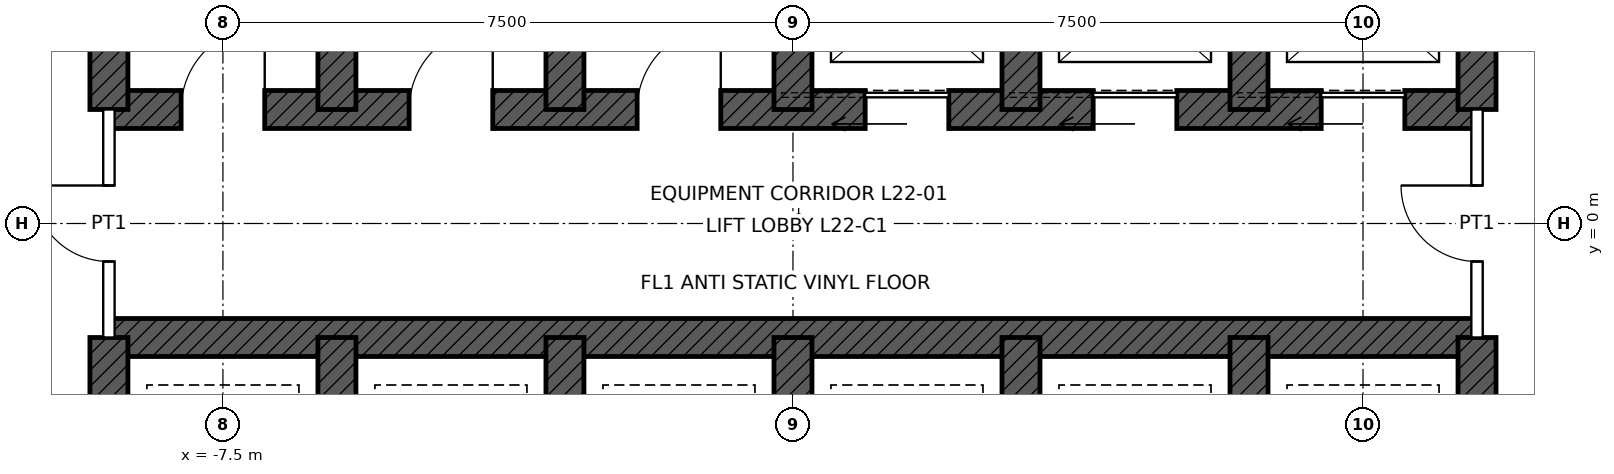
"""IFC4 building model, lengths in metres.
Left out: names, types, materials, properties, quantities, classifications, styles, units other than length and angle.
Written with IfcOpenShell. Run it as: python <this file> out.ifc"""

import sys

from ifc_helpers import new_model, si_unit, direction, frame, frame_2d, origin, place, context, subcontext, project, spatial, rectangle, extrude, element, fill, save


model = new_model("IFC4")
c1 = context("Model", 3, precision=1e-05, world=origin(), true_north=direction((0.0, 1.0)))
c2 = subcontext(c1, "Body", "Model", "MODEL_VIEW")
j1 = project(units=[si_unit("LENGTHUNIT", "METRE"), si_unit("PLANEANGLEUNIT", "RADIAN")], contexts=[c1])
p1 = place(None, origin())
s1 = spatial("IfcSite", under=j1, at=p1, CompositionType="ELEMENT")
p2 = place(p1, origin())
s2 = spatial("IfcBuilding", under=s1, at=p2, CompositionType="ELEMENT")
p3 = place(p2, frame((0.0, 0.0, 113.4)))
s3 = spatial("IfcBuildingStorey", under=s2, at=p3, CompositionType="ELEMENT", Elevation=113.4)
p4 = place(p3, frame((-9.0, 1.5, 0.0), z_axis=(0.0, 0.0, 1.0), x_axis=(1.0, 0.0, 0.0)))
e1 = element("IfcWall", 1, at=p4, inside=s3, PredefinedType="SHEAR", context=c2, shape_type="SweptSolid", body=[
    extrude(rectangle(XDim=18.0, YDim=0.5, at=frame_2d((9.0, 0.0))), origin(), (0.0, 0.0, 1.0), 4.5),
])
p5 = place(p4, frame((9.95, 0.0, 0.0)))
e2 = element("IfcOpeningElement", 2, at=p5, cuts=e1, PredefinedType="OPENING", context=c2, shape_type="SweptSolid", body=[
    extrude(rectangle(XDim=1.1, YDim=2.1, at=frame_2d((0.55, 1.05))), frame((0.0, 0.26, 0.0), z_axis=(0.0, -1.0, 0.0), x_axis=(1.0, 0.0, 0.0)), (0.0, 0.0, 1.0), 0.52),
])
p6 = place(p4, frame((12.95, 0.0, 0.0)))
e3 = element("IfcOpeningElement", 3, at=p6, cuts=e1, PredefinedType="OPENING", context=c2, shape_type="SweptSolid", body=[
    extrude(rectangle(XDim=1.1, YDim=2.1, at=frame_2d((0.55, 1.05))), frame((0.0, 0.26, 0.0), z_axis=(0.0, -1.0, 0.0), x_axis=(1.0, 0.0, 0.0)), (0.0, 0.0, 1.0), 0.52),
])
p7 = place(p4, frame((15.95, 0.0, 0.0)))
e4 = element("IfcOpeningElement", 4, at=p7, cuts=e1, PredefinedType="OPENING", context=c2, shape_type="SweptSolid", body=[
    extrude(rectangle(XDim=1.1, YDim=2.1, at=frame_2d((0.55, 1.05))), frame((0.0, 0.26, 0.0), z_axis=(0.0, -1.0, 0.0), x_axis=(1.0, 0.0, 0.0)), (0.0, 0.0, 1.0), 0.52),
])
p8 = place(p4, frame((0.95, 0.0, 0.0)))
e5 = element("IfcOpeningElement", 5, at=p8, cuts=e1, PredefinedType="OPENING", context=c2, shape_type="SweptSolid", body=[
    extrude(rectangle(XDim=1.1, YDim=2.1, at=frame_2d((0.55, 1.05))), frame((0.0, 0.26, 0.0), z_axis=(0.0, -1.0, 0.0), x_axis=(1.0, 0.0, 0.0)), (0.0, 0.0, 1.0), 0.52),
])
p9 = place(p4, frame((3.95, 0.0, 0.0)))
e6 = element("IfcOpeningElement", 6, at=p9, cuts=e1, PredefinedType="OPENING", context=c2, shape_type="SweptSolid", body=[
    extrude(rectangle(XDim=1.1, YDim=2.1, at=frame_2d((0.55, 1.05))), frame((0.0, 0.26, 0.0), z_axis=(0.0, -1.0, 0.0), x_axis=(1.0, 0.0, 0.0)), (0.0, 0.0, 1.0), 0.52),
])
p10 = place(p4, frame((6.95, 0.0, 0.0)))
e7 = element("IfcOpeningElement", 7, at=p10, cuts=e1, PredefinedType="OPENING", context=c2, shape_type="SweptSolid", body=[
    extrude(rectangle(XDim=1.1, YDim=2.1, at=frame_2d((0.55, 1.05))), frame((0.0, 0.26, 0.0), z_axis=(0.0, -1.0, 0.0), x_axis=(1.0, 0.0, 0.0)), (0.0, 0.0, 1.0), 0.52),
])
p11 = place(p3, frame((-9.0, -1.5, 0.0), z_axis=(0.0, 0.0, 1.0), x_axis=(1.0, 0.0, 0.0)))
e8 = element("IfcWall", 8, at=p11, inside=s3, PredefinedType="SHEAR", context=c2, shape_type="SweptSolid", body=[
    extrude(rectangle(XDim=18.0, YDim=0.5, at=frame_2d((9.0, 0.0))), origin(), (0.0, 0.0, 1.0), 4.5),
])
for number, where, z_axis, x_axis in (
    (9, (-9.0, 1.5, 0.0), (0.0, 0.0, 1.0), (0.0, 1.0, 0.0)),
    (10, (9.0, 1.5, 0.0), (0.0, 0.0, 1.0), (0.0, 1.0, 0.0)),
    (11, (-9.0, -4.5, 0.0), (0.0, 0.0, 1.0), (0.0, 1.0, 0.0)),
    (12, (9.0, -4.5, 0.0), (0.0, 0.0, 1.0), (0.0, 1.0, 0.0)),
    (13, (-6.0, 1.5, 0.0), (0.0, 0.0, 1.0), (0.0, 1.0, 0.0)),
    (14, (-3.0, 1.5, 0.0), (0.0, 0.0, 1.0), (0.0, 1.0, 0.0)),
    (15, (0.0, 1.5, 0.0), (0.0, 0.0, 1.0), (0.0, 1.0, 0.0)),
    (16, (3.0, 1.5, 0.0), (0.0, 0.0, 1.0), (0.0, 1.0, 0.0)),
    (17, (6.0, 1.5, 0.0), (0.0, 0.0, 1.0), (0.0, 1.0, 0.0)),
    (18, (-6.0, -4.5, 0.0), (0.0, 0.0, 1.0), (0.0, 1.0, 0.0)),
    (19, (-3.0, -4.5, 0.0), (0.0, 0.0, 1.0), (0.0, 1.0, 0.0)),
    (20, (0.0, -4.5, 0.0), (0.0, 0.0, 1.0), (0.0, 1.0, 0.0)),
    (21, (3.0, -4.5, 0.0), (0.0, 0.0, 1.0), (0.0, 1.0, 0.0)),
    (22, (6.0, -4.5, 0.0), (0.0, 0.0, 1.0), (0.0, 1.0, 0.0)),
):
    element("IfcWall", number, at=place(p3, frame(where, z_axis=z_axis, x_axis=x_axis)), inside=s3, PredefinedType="SHEAR", context=c2, shape_type="SweptSolid", body=[
        extrude(rectangle(XDim=3.0, YDim=0.5, at=frame_2d((1.5, 0.0))), origin(), (0.0, 0.0, 1.0), 4.5),
    ])
p12 = place(p3, frame((-9.0, -1.5, 0.0), z_axis=(0.0, 0.0, 1.0), x_axis=(0.0, 1.0, 0.0)))
e23 = element("IfcWall", 23, at=p12, inside=s3, PredefinedType="PARTITIONING", context=c2, shape_type="SweptSolid", body=[
    extrude(rectangle(XDim=3.0, YDim=0.15, at=frame_2d((1.5, 0.0))), origin(), (0.0, 0.0, 1.0), 4.25),
])
p13 = place(p12, frame((1.0, 0.0, 0.0)))
e24 = element("IfcOpeningElement", 24, at=p13, cuts=e23, PredefinedType="OPENING", context=c2, shape_type="SweptSolid", body=[
    extrude(rectangle(XDim=1.0, YDim=2.4, at=frame_2d((0.5, 1.2))), frame((0.0, 0.085, 0.0), z_axis=(0.0, -1.0, 0.0), x_axis=(1.0, 0.0, 0.0)), (0.0, 0.0, 1.0), 0.17),
])
p14 = place(p3, frame((9.0, -1.5, 0.0), z_axis=(0.0, 0.0, 1.0), x_axis=(0.0, 1.0, 0.0)))
e25 = element("IfcWall", 25, at=p14, inside=s3, PredefinedType="PARTITIONING", context=c2, shape_type="SweptSolid", body=[
    extrude(rectangle(XDim=3.0, YDim=0.15, at=frame_2d((1.5, 0.0))), origin(), (0.0, 0.0, 1.0), 4.25),
])
p15 = place(p14, frame((1.0, 0.0, 0.0)))
e26 = element("IfcOpeningElement", 26, at=p15, cuts=e25, PredefinedType="OPENING", context=c2, shape_type="SweptSolid", body=[
    extrude(rectangle(XDim=1.0, YDim=2.4, at=frame_2d((0.5, 1.2))), frame((0.0, 0.085, 0.0), z_axis=(0.0, -1.0, 0.0), x_axis=(1.0, 0.0, 0.0)), (0.0, 0.0, 1.0), 0.17),
])
p16 = place(p5, origin())
e27 = element("IfcDoor", 27, at=p16, inside=s3, OperationType="SLIDING_TO_LEFT", PredefinedType="DOOR", context=c2, shape_type="SweptSolid", body=[
    extrude(rectangle(XDim=1.1, YDim=2.1, at=frame_2d((0.55, 1.05))), frame((0.0, 0.025, 0.0), z_axis=(0.0, -1.0, 0.0), x_axis=(1.0, 0.0, 0.0)), (0.0, 0.0, 1.0), 0.05),
])
fill(e2, e27)
p17 = place(p6, origin())
e28 = element("IfcDoor", 28, at=p17, inside=s3, OperationType="SLIDING_TO_LEFT", PredefinedType="DOOR", context=c2, shape_type="SweptSolid", body=[
    extrude(rectangle(XDim=1.1, YDim=2.1, at=frame_2d((0.55, 1.05))), frame((0.0, 0.025, 0.0), z_axis=(0.0, -1.0, 0.0), x_axis=(1.0, 0.0, 0.0)), (0.0, 0.0, 1.0), 0.05),
])
fill(e3, e28)
p18 = place(p7, origin())
e29 = element("IfcDoor", 29, at=p18, inside=s3, OperationType="SLIDING_TO_LEFT", PredefinedType="DOOR", context=c2, shape_type="SweptSolid", body=[
    extrude(rectangle(XDim=1.1, YDim=2.1, at=frame_2d((0.55, 1.05))), frame((0.0, 0.025, 0.0), z_axis=(0.0, -1.0, 0.0), x_axis=(1.0, 0.0, 0.0)), (0.0, 0.0, 1.0), 0.05),
])
fill(e4, e29)
p19 = place(p13, origin())
e30 = element("IfcDoor", 30, at=p19, inside=s3, OperationType="SINGLE_SWING_RIGHT", PredefinedType="DOOR", context=c2, shape_type="SweptSolid", body=[
    extrude(rectangle(XDim=1.0, YDim=2.4, at=frame_2d((0.5, 1.2))), frame((0.0, 0.025, 0.0), z_axis=(0.0, -1.0, 0.0), x_axis=(1.0, 0.0, 0.0)), (0.0, 0.0, 1.0), 0.05),
])
fill(e24, e30)
p20 = place(p15, origin())
e31 = element("IfcDoor", 31, at=p20, inside=s3, OperationType="SINGLE_SWING_RIGHT", PredefinedType="DOOR", context=c2, shape_type="SweptSolid", body=[
    extrude(rectangle(XDim=1.0, YDim=2.4, at=frame_2d((0.5, 1.2))), frame((0.0, 0.025, 0.0), z_axis=(0.0, -1.0, 0.0), x_axis=(1.0, 0.0, 0.0)), (0.0, 0.0, 1.0), 0.05),
])
fill(e26, e31)
p21 = place(p8, origin())
e32 = element("IfcDoor", 32, at=p21, inside=s3, OperationType="SINGLE_SWING_RIGHT", PredefinedType="DOOR", context=c2, shape_type="SweptSolid", body=[
    extrude(rectangle(XDim=1.1, YDim=2.1, at=frame_2d((0.55, 1.05))), frame((0.0, 0.025, 0.0), z_axis=(0.0, -1.0, 0.0), x_axis=(1.0, 0.0, 0.0)), (0.0, 0.0, 1.0), 0.05),
])
fill(e5, e32)
p22 = place(p9, origin())
e33 = element("IfcDoor", 33, at=p22, inside=s3, OperationType="SINGLE_SWING_RIGHT", PredefinedType="DOOR", context=c2, shape_type="SweptSolid", body=[
    extrude(rectangle(XDim=1.1, YDim=2.1, at=frame_2d((0.55, 1.05))), frame((0.0, 0.025, 0.0), z_axis=(0.0, -1.0, 0.0), x_axis=(1.0, 0.0, 0.0)), (0.0, 0.0, 1.0), 0.05),
])
fill(e6, e33)
p23 = place(p10, origin())
e34 = element("IfcDoor", 34, at=p23, inside=s3, OperationType="SINGLE_SWING_RIGHT", PredefinedType="DOOR", context=c2, shape_type="SweptSolid", body=[
    extrude(rectangle(XDim=1.1, YDim=2.1, at=frame_2d((0.55, 1.05))), frame((0.0, 0.025, 0.0), z_axis=(0.0, -1.0, 0.0), x_axis=(1.0, 0.0, 0.0)), (0.0, 0.0, 1.0), 0.05),
])
fill(e7, e34)
save(model, sys.argv[1])
···
§ **TASK TO COMPLETE**: Produce an exact transcription of the lines from the one containing "fill(e6, e33)" through the end of the records, both included, and no other lines.

§ **TASK RESPONSE**:
fill(e6, e33)
p23 = place(p10, origin())
e34 = element("IfcDoor", 34, at=p23, inside=s3, OperationType="SINGLE_SWING_RIGHT", PredefinedType="DOOR", context=c2, shape_type="SweptSolid", body=[
    extrude(rectangle(XDim=1.1, YDim=2.1, at=frame_2d((0.55, 1.05))), frame((0.0, 0.025, 0.0), z_axis=(0.0, -1.0, 0.0), x_axis=(1.0, 0.0, 0.0)), (0.0, 0.0, 1.0), 0.05),
])
fill(e7, e34)
save(model, sys.argv[1])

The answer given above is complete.